──────── RECORDS FOR PROCESSING

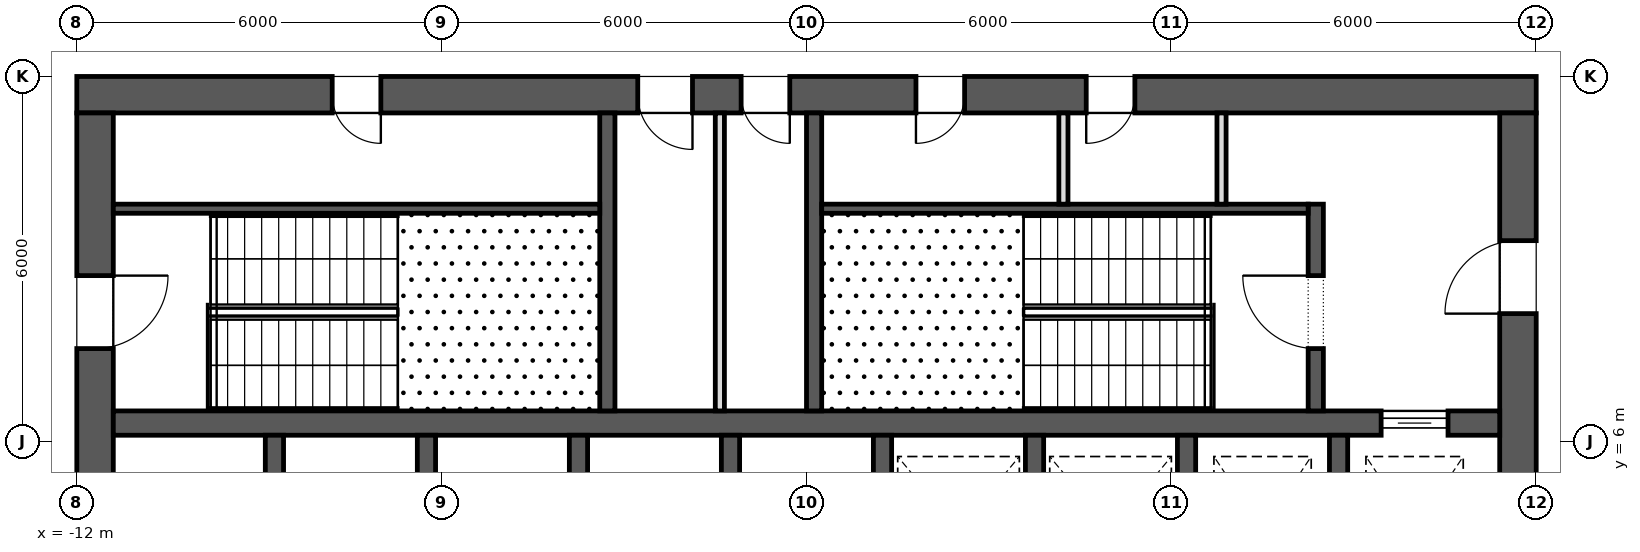
"""IFC4 building model, lengths in metres.
Left out: names, types, materials, properties, quantities, classifications, styles, units other than length and angle.
Written with IfcOpenShell. Run it as: python <this file> out.ifc"""

import sys

from ifc_helpers import new_model, si_unit, direction, frame, frame_2d, origin, place, context, subcontext, project, spatial, rectangle, extrude, element, fill, save


model = new_model("IFC4")
c1 = context("Model", 3, precision=1e-05, world=origin(), true_north=direction((0.0, 1.0)))
c2 = subcontext(c1, "Body", "Model", "MODEL_VIEW")
j1 = project(units=[si_unit("LENGTHUNIT", "METRE"), si_unit("PLANEANGLEUNIT", "RADIAN")], contexts=[c1])
p1 = place(None, origin())
s1 = spatial("IfcSite", under=j1, at=p1, CompositionType="ELEMENT")
p2 = place(p1, origin())
s2 = spatial("IfcBuilding", under=s1, at=p2, CompositionType="ELEMENT")
p3 = place(p2, frame((0.0, 0.0, 142.3)))
s3 = spatial("IfcBuildingStorey", under=s2, at=p3, CompositionType="ELEMENT", Elevation=142.3)
p4 = place(p3, frame((-12.0, 11.7, 0.0), z_axis=(0.0, 0.0, 1.0), x_axis=(1.0, 0.0, 0.0)))
e1 = element("IfcWall", 1, at=p4, inside=s3, PredefinedType="SHEAR", context=c2, shape_type="SweptSolid", body=[
    extrude(rectangle(XDim=24.0, YDim=0.6, at=frame_2d((12.0, 0.0))), origin(), (0.0, 0.0, 1.0), 4.2),
])
p5 = place(p4, frame((9.225, 0.0, 0.0)))
e2 = element("IfcOpeningElement", 2, at=p5, cuts=e1, PredefinedType="OPENING", context=c2, shape_type="SweptSolid", body=[
    extrude(rectangle(XDim=0.9, YDim=2.1, at=frame_2d((0.45, 1.05))), frame((0.0, 0.312, 0.0), z_axis=(0.0, -1.0, 0.0), x_axis=(1.0, 0.0, 0.0)), (0.0, 0.0, 1.0), 0.624),
])
p6 = place(p4, frame((10.925, 0.0, 0.0)))
e3 = element("IfcOpeningElement", 3, at=p6, cuts=e1, PredefinedType="OPENING", context=c2, shape_type="SweptSolid", body=[
    extrude(rectangle(XDim=0.8, YDim=2.1, at=frame_2d((0.4, 1.05))), frame((0.0, 0.312, 0.0), z_axis=(0.0, -1.0, 0.0), x_axis=(1.0, 0.0, 0.0)), (0.0, 0.0, 1.0), 0.624),
])
p7 = place(p4, frame((4.2, 0.0, 0.0)))
e4 = element("IfcOpeningElement", 4, at=p7, cuts=e1, PredefinedType="OPENING", context=c2, shape_type="SweptSolid", body=[
    extrude(rectangle(XDim=0.8, YDim=2.1, at=frame_2d((0.4, 1.05))), frame((0.0, 0.312, 0.0), z_axis=(0.0, -1.0, 0.0), x_axis=(1.0, 0.0, 0.0)), (0.0, 0.0, 1.0), 0.624),
])
p8 = place(p4, frame((13.8, 0.0, 0.0)))
e5 = element("IfcOpeningElement", 5, at=p8, cuts=e1, PredefinedType="OPENING", context=c2, shape_type="SweptSolid", body=[
    extrude(rectangle(XDim=0.8, YDim=2.1, at=frame_2d((0.4, 1.05))), frame((0.0, 0.312, 0.0), z_axis=(0.0, -1.0, 0.0), x_axis=(1.0, 0.0, 0.0)), (0.0, 0.0, 1.0), 0.624),
])
p9 = place(p4, frame((16.6, 0.0, 0.0)))
e6 = element("IfcOpeningElement", 6, at=p9, cuts=e1, PredefinedType="OPENING", context=c2, shape_type="SweptSolid", body=[
    extrude(rectangle(XDim=0.8, YDim=2.1, at=frame_2d((0.4, 1.05))), frame((0.0, 0.312, 0.0), z_axis=(0.0, -1.0, 0.0), x_axis=(1.0, 0.0, 0.0)), (0.0, 0.0, 1.0), 0.624),
])
p10 = place(p3, frame((11.7, -11.4, 0.0), z_axis=(0.0, 0.0, 1.0), x_axis=(0.0, 1.0, 0.0)))
e7 = element("IfcWall", 7, at=p10, inside=s3, PredefinedType="SHEAR", context=c2, shape_type="SweptSolid", body=[
    extrude(rectangle(XDim=22.8, YDim=0.6, at=frame_2d((11.4, 0.0))), origin(), (0.0, 0.0, 1.0), 4.2),
])
p11 = place(p10, frame((10.2, 0.0, 0.0)))
e8 = element("IfcOpeningElement", 8, at=p11, cuts=e7, PredefinedType="OPENING", context=c2, shape_type="SweptSolid", body=[
    extrude(rectangle(XDim=2.4, YDim=2.1, at=frame_2d((1.2, 1.05))), frame((0.0, 0.312, 0.0), z_axis=(0.0, -1.0, 0.0), x_axis=(1.0, 0.0, 0.0)), (0.0, 0.0, 1.0), 0.624),
])
p12 = place(p10, frame((19.5, 0.0, 0.0)))
e9 = element("IfcOpeningElement", 9, at=p12, cuts=e7, PredefinedType="OPENING", context=c2, shape_type="SweptSolid", body=[
    extrude(rectangle(XDim=1.2, YDim=2.1, at=frame_2d((0.6, 1.05))), frame((0.0, 0.312, 0.0), z_axis=(0.0, -1.0, 0.0), x_axis=(1.0, 0.0, 0.0)), (0.0, 0.0, 1.0), 0.624),
])
p13 = place(p10, frame((2.1, 0.0, 0.0)))
e10 = element("IfcOpeningElement", 10, at=p13, cuts=e7, PredefinedType="OPENING", context=c2, shape_type="SweptSolid", body=[
    extrude(rectangle(XDim=1.2, YDim=2.1, at=frame_2d((0.6, 1.05))), frame((0.0, 0.312, 0.0), z_axis=(0.0, -1.0, 0.0), x_axis=(1.0, 0.0, 0.0)), (0.0, 0.0, 1.0), 0.624),
])
p14 = place(p3, frame((-11.7, -11.4, 0.0), z_axis=(0.0, 0.0, 1.0), x_axis=(0.0, 1.0, 0.0)))
e11 = element("IfcWall", 11, at=p14, inside=s3, PredefinedType="SHEAR", context=c2, shape_type="SweptSolid", body=[
    extrude(rectangle(XDim=22.8, YDim=0.6, at=frame_2d((11.4, 0.0))), origin(), (0.0, 0.0, 1.0), 4.2),
])
p15 = place(p14, frame((10.2, 0.0, 0.0)))
e12 = element("IfcOpeningElement", 12, at=p15, cuts=e11, PredefinedType="OPENING", context=c2, shape_type="SweptSolid", body=[
    extrude(rectangle(XDim=2.4, YDim=2.1, at=frame_2d((1.2, 1.05))), frame((0.0, 0.312, 0.0), z_axis=(0.0, -1.0, 0.0), x_axis=(1.0, 0.0, 0.0)), (0.0, 0.0, 1.0), 0.624),
])
p16 = place(p14, frame((18.925, 0.0, 0.0)))
e13 = element("IfcOpeningElement", 13, at=p16, cuts=e11, PredefinedType="OPENING", context=c2, shape_type="SweptSolid", body=[
    extrude(rectangle(XDim=1.2, YDim=2.1, at=frame_2d((0.6, 1.05))), frame((0.0, 0.312, 0.0), z_axis=(0.0, -1.0, 0.0), x_axis=(1.0, 0.0, 0.0)), (0.0, 0.0, 1.0), 0.624),
])
p17 = place(p14, frame((2.675, 0.0, 0.0)))
e14 = element("IfcOpeningElement", 14, at=p17, cuts=e11, PredefinedType="OPENING", context=c2, shape_type="SweptSolid", body=[
    extrude(rectangle(XDim=1.2, YDim=2.1, at=frame_2d((0.6, 1.05))), frame((0.0, 0.312, 0.0), z_axis=(0.0, -1.0, 0.0), x_axis=(1.0, 0.0, 0.0)), (0.0, 0.0, 1.0), 0.624),
])
p18 = place(p3, frame((-11.4, 6.3, 0.0), z_axis=(0.0, 0.0, 1.0), x_axis=(1.0, 0.0, 0.0)))
e15 = element("IfcWall", 15, at=p18, inside=s3, PredefinedType="SHEAR", context=c2, shape_type="SweptSolid", body=[
    extrude(rectangle(XDim=22.8, YDim=0.4, at=frame_2d((11.4, 0.0))), origin(), (0.0, 0.0, 1.0), 4.2),
])
p19 = place(p18, frame((20.85, 0.0, 0.0)))
e16 = element("IfcOpeningElement", 16, at=p19, cuts=e15, PredefinedType="OPENING", context=c2, shape_type="SweptSolid", body=[
    extrude(rectangle(XDim=1.1, YDim=2.1, at=frame_2d((0.55, 1.05))), frame((0.0, 0.212, 0.0), z_axis=(0.0, -1.0, 0.0), x_axis=(1.0, 0.0, 0.0)), (0.0, 0.0, 1.0), 0.424),
])
for number, where, z_axis, x_axis in (
    (17, (-8.75, 3.2, 0.0), (0.0, 0.0, 1.0), (0.0, 1.0, 0.0)),
    (18, (-6.25, 3.2, 0.0), (0.0, 0.0, 1.0), (0.0, 1.0, 0.0)),
    (19, (-3.75, 3.2, 0.0), (0.0, 0.0, 1.0), (0.0, 1.0, 0.0)),
    (20, (-1.25, 3.2, 0.0), (0.0, 0.0, 1.0), (0.0, 1.0, 0.0)),
    (21, (1.25, 3.2, 0.0), (0.0, 0.0, 1.0), (0.0, 1.0, 0.0)),
    (22, (3.75, 3.2, 0.0), (0.0, 0.0, 1.0), (0.0, 1.0, 0.0)),
    (23, (6.25, 3.2, 0.0), (0.0, 0.0, 1.0), (0.0, 1.0, 0.0)),
    (24, (8.75, 3.2, 0.0), (0.0, 0.0, 1.0), (0.0, 1.0, 0.0)),
):
    element("IfcWall", number, at=place(p3, frame(where, z_axis=z_axis, x_axis=x_axis)), inside=s3, PredefinedType="SHEAR", context=c2, shape_type="SweptSolid", body=[
        extrude(rectangle(XDim=2.9, YDim=0.3, at=frame_2d((1.45, 0.0))), origin(), (0.0, 0.0, 1.0), 4.2),
    ])
for number, where, z_axis, x_axis in (
    (25, (-3.275, 6.5, 0.0), (0.0, 0.0, 1.0), (0.0, 1.0, 0.0)),
    (26, (0.125, 6.5, 0.0), (0.0, 0.0, 1.0), (0.0, 1.0, 0.0)),
):
    element("IfcWall", number, at=place(p3, frame(where, z_axis=z_axis, x_axis=x_axis)), inside=s3, PredefinedType="SHEAR", context=c2, shape_type="SweptSolid", body=[
        extrude(rectangle(XDim=4.9, YDim=0.25, at=frame_2d((2.45, 0.0))), origin(), (0.0, 0.0, 1.0), 3.9),
    ])
p20 = place(p3, frame((8.375, 6.5, 0.0), z_axis=(0.0, 0.0, 1.0), x_axis=(0.0, 1.0, 0.0)))
e27 = element("IfcWall", 27, at=p20, inside=s3, PredefinedType="SHEAR", context=c2, shape_type="SweptSolid", body=[
    extrude(rectangle(XDim=3.4, YDim=0.25, at=frame_2d((1.7, 0.0))), origin(), (0.0, 0.0, 1.0), 3.9),
])
p21 = place(p20, frame((1.025, 0.0, 0.0)))
e28 = element("IfcOpeningElement", 28, at=p21, cuts=e27, PredefinedType="OPENING", context=c2, shape_type="SweptSolid", body=[
    extrude(rectangle(XDim=1.2, YDim=2.1, at=frame_2d((0.6, 1.05))), frame((0.0, 0.137, 0.0), z_axis=(0.0, -1.0, 0.0), x_axis=(1.0, 0.0, 0.0)), (0.0, 0.0, 1.0), 0.274),
])
for number, where, z_axis, x_axis in (
    (29, (-11.4, 9.825, 0.0), (0.0, 0.0, 1.0), (1.0, 0.0, 0.0)),
    (30, (0.25, 9.825, 0.0), (0.0, 0.0, 1.0), (1.0, 0.0, 0.0)),
):
    element("IfcWall", number, at=place(p3, frame(where, z_axis=z_axis, x_axis=x_axis)), inside=s3, PredefinedType="SHEAR", context=c2, shape_type="SweptSolid", body=[
        extrude(rectangle(XDim=8.0, YDim=0.15, at=frame_2d((4.0, 0.0))), origin(), (0.0, 0.0, 1.0), 3.9),
    ])
p22 = place(p3, frame((-1.425, 6.5, 0.0), z_axis=(0.0, 0.0, 1.0), x_axis=(0.0, 1.0, 0.0)))
e31 = element("IfcWall", 31, at=p22, inside=s3, PredefinedType="PARTITIONING", context=c2, shape_type="SweptSolid", body=[
    extrude(rectangle(XDim=4.9, YDim=0.15, at=frame_2d((2.45, 0.0))), origin(), (0.0, 0.0, 1.0), 3.9),
])
for number, where, z_axis, x_axis in (
    (32, (4.225, 9.9, 0.0), (0.0, 0.0, 1.0), (0.0, 1.0, 0.0)),
    (33, (6.825, 9.9, 0.0), (0.0, 0.0, 1.0), (0.0, 1.0, 0.0)),
):
    element("IfcWall", number, at=place(p3, frame(where, z_axis=z_axis, x_axis=x_axis)), inside=s3, PredefinedType="PARTITIONING", context=c2, shape_type="SweptSolid", body=[
        extrude(rectangle(XDim=1.5, YDim=0.15, at=frame_2d((0.75, 0.0))), origin(), (0.0, 0.0, 1.0), 3.9),
    ])
p23 = place(p19, origin())
e34 = element("IfcDoor", 34, at=p23, inside=s3, OperationType="SLIDING_TO_LEFT", PredefinedType="DOOR", context=c2, shape_type="SweptSolid", body=[
    extrude(rectangle(XDim=1.1, YDim=2.1, at=frame_2d((0.55, 1.05))), frame((0.0, 0.025, 0.0), z_axis=(0.0, -1.0, 0.0), x_axis=(1.0, 0.0, 0.0)), (0.0, 0.0, 1.0), 0.05),
])
fill(e16, e34)
p24 = place(p16, frame((1.2, 0.0, 0.0), z_axis=(0.0, 0.0, 1.0), x_axis=(-1.0, 0.0, 0.0)))
e35 = element("IfcDoor", 35, at=p24, inside=s3, OperationType="SINGLE_SWING_RIGHT", PredefinedType="DOOR", context=c2, shape_type="SweptSolid", body=[
    extrude(rectangle(XDim=1.2, YDim=2.1, at=frame_2d((0.6, 1.05))), frame((0.0, 0.025, 0.0), z_axis=(0.0, -1.0, 0.0), x_axis=(1.0, 0.0, 0.0)), (0.0, 0.0, 1.0), 0.05),
])
fill(e13, e35)
p25 = place(p21, origin())
e36 = element("IfcDoor", 36, at=p25, inside=s3, OperationType="SINGLE_SWING_LEFT", PredefinedType="DOOR", context=c2, shape_type="SweptSolid", body=[
    extrude(rectangle(XDim=1.2, YDim=2.1, at=frame_2d((0.6, 1.05))), frame((0.0, 0.025, 0.0), z_axis=(0.0, -1.0, 0.0), x_axis=(1.0, 0.0, 0.0)), (0.0, 0.0, 1.0), 0.05),
])
fill(e28, e36)
p26 = place(p12, origin())
e37 = element("IfcDoor", 37, at=p26, inside=s3, OperationType="SINGLE_SWING_RIGHT", PredefinedType="DOOR", context=c2, shape_type="SweptSolid", body=[
    extrude(rectangle(XDim=1.2, YDim=2.1, at=frame_2d((0.6, 1.05))), frame((0.0, 0.025, 0.0), z_axis=(0.0, -1.0, 0.0), x_axis=(1.0, 0.0, 0.0)), (0.0, 0.0, 1.0), 0.05),
])
fill(e9, e37)
p27 = place(p5, frame((0.9, 0.0, 0.0), z_axis=(0.0, 0.0, 1.0), x_axis=(-1.0, 0.0, 0.0)))
e38 = element("IfcDoor", 38, at=p27, inside=s3, OperationType="SINGLE_SWING_RIGHT", PredefinedType="DOOR", context=c2, shape_type="SweptSolid", body=[
    extrude(rectangle(XDim=0.9, YDim=2.1, at=frame_2d((0.45, 1.05))), frame((0.0, 0.025, 0.0), z_axis=(0.0, -1.0, 0.0), x_axis=(1.0, 0.0, 0.0)), (0.0, 0.0, 1.0), 0.05),
])
fill(e2, e38)
p28 = place(p6, frame((0.8, 0.0, 0.0), z_axis=(0.0, 0.0, 1.0), x_axis=(-1.0, 0.0, 0.0)))
e39 = element("IfcDoor", 39, at=p28, inside=s3, OperationType="SINGLE_SWING_RIGHT", PredefinedType="DOOR", context=c2, shape_type="SweptSolid", body=[
    extrude(rectangle(XDim=0.8, YDim=2.1, at=frame_2d((0.4, 1.05))), frame((0.0, 0.025, 0.0), z_axis=(0.0, -1.0, 0.0), x_axis=(1.0, 0.0, 0.0)), (0.0, 0.0, 1.0), 0.05),
])
fill(e3, e39)
p29 = place(p7, frame((0.8, 0.0, 0.0), z_axis=(0.0, 0.0, 1.0), x_axis=(-1.0, 0.0, 0.0)))
e40 = element("IfcDoor", 40, at=p29, inside=s3, OperationType="SINGLE_SWING_RIGHT", PredefinedType="DOOR", context=c2, shape_type="SweptSolid", body=[
    extrude(rectangle(XDim=0.8, YDim=2.1, at=frame_2d((0.4, 1.05))), frame((0.0, 0.025, 0.0), z_axis=(0.0, -1.0, 0.0), x_axis=(1.0, 0.0, 0.0)), (0.0, 0.0, 1.0), 0.05),
])
fill(e4, e40)
p30 = place(p8, frame((0.8, 0.0, 0.0), z_axis=(0.0, 0.0, 1.0), x_axis=(-1.0, 0.0, 0.0)))
e41 = element("IfcDoor", 41, at=p30, inside=s3, OperationType="SINGLE_SWING_LEFT", PredefinedType="DOOR", context=c2, shape_type="SweptSolid", body=[
    extrude(rectangle(XDim=0.8, YDim=2.1, at=frame_2d((0.4, 1.05))), frame((0.0, 0.025, 0.0), z_axis=(0.0, -1.0, 0.0), x_axis=(1.0, 0.0, 0.0)), (0.0, 0.0, 1.0), 0.05),
])
fill(e5, e41)
p31 = place(p9, frame((0.8, 0.0, 0.0), z_axis=(0.0, 0.0, 1.0), x_axis=(-1.0, 0.0, 0.0)))
e42 = element("IfcDoor", 42, at=p31, inside=s3, OperationType="SINGLE_SWING_LEFT", PredefinedType="DOOR", context=c2, shape_type="SweptSolid", body=[
    extrude(rectangle(XDim=0.8, YDim=2.1, at=frame_2d((0.4, 1.05))), frame((0.0, 0.025, 0.0), z_axis=(0.0, -1.0, 0.0), x_axis=(1.0, 0.0, 0.0)), (0.0, 0.0, 1.0), 0.05),
])
fill(e6, e42)
save(model, sys.argv[1])

────────────────

— WORK REQUIRED —
Check every line above for the string "units", and copy the ones that have it.

— RESPONSE TO THE TASK —
Left out: names, types, materials, properties, quantities, classifications, styles, units other than length and angle.
j1 = project(units=[si_unit("LENGTHUNIT", "METRE"), si_unit("PLANEANGLEUNIT", "RADIAN")], contexts=[c1])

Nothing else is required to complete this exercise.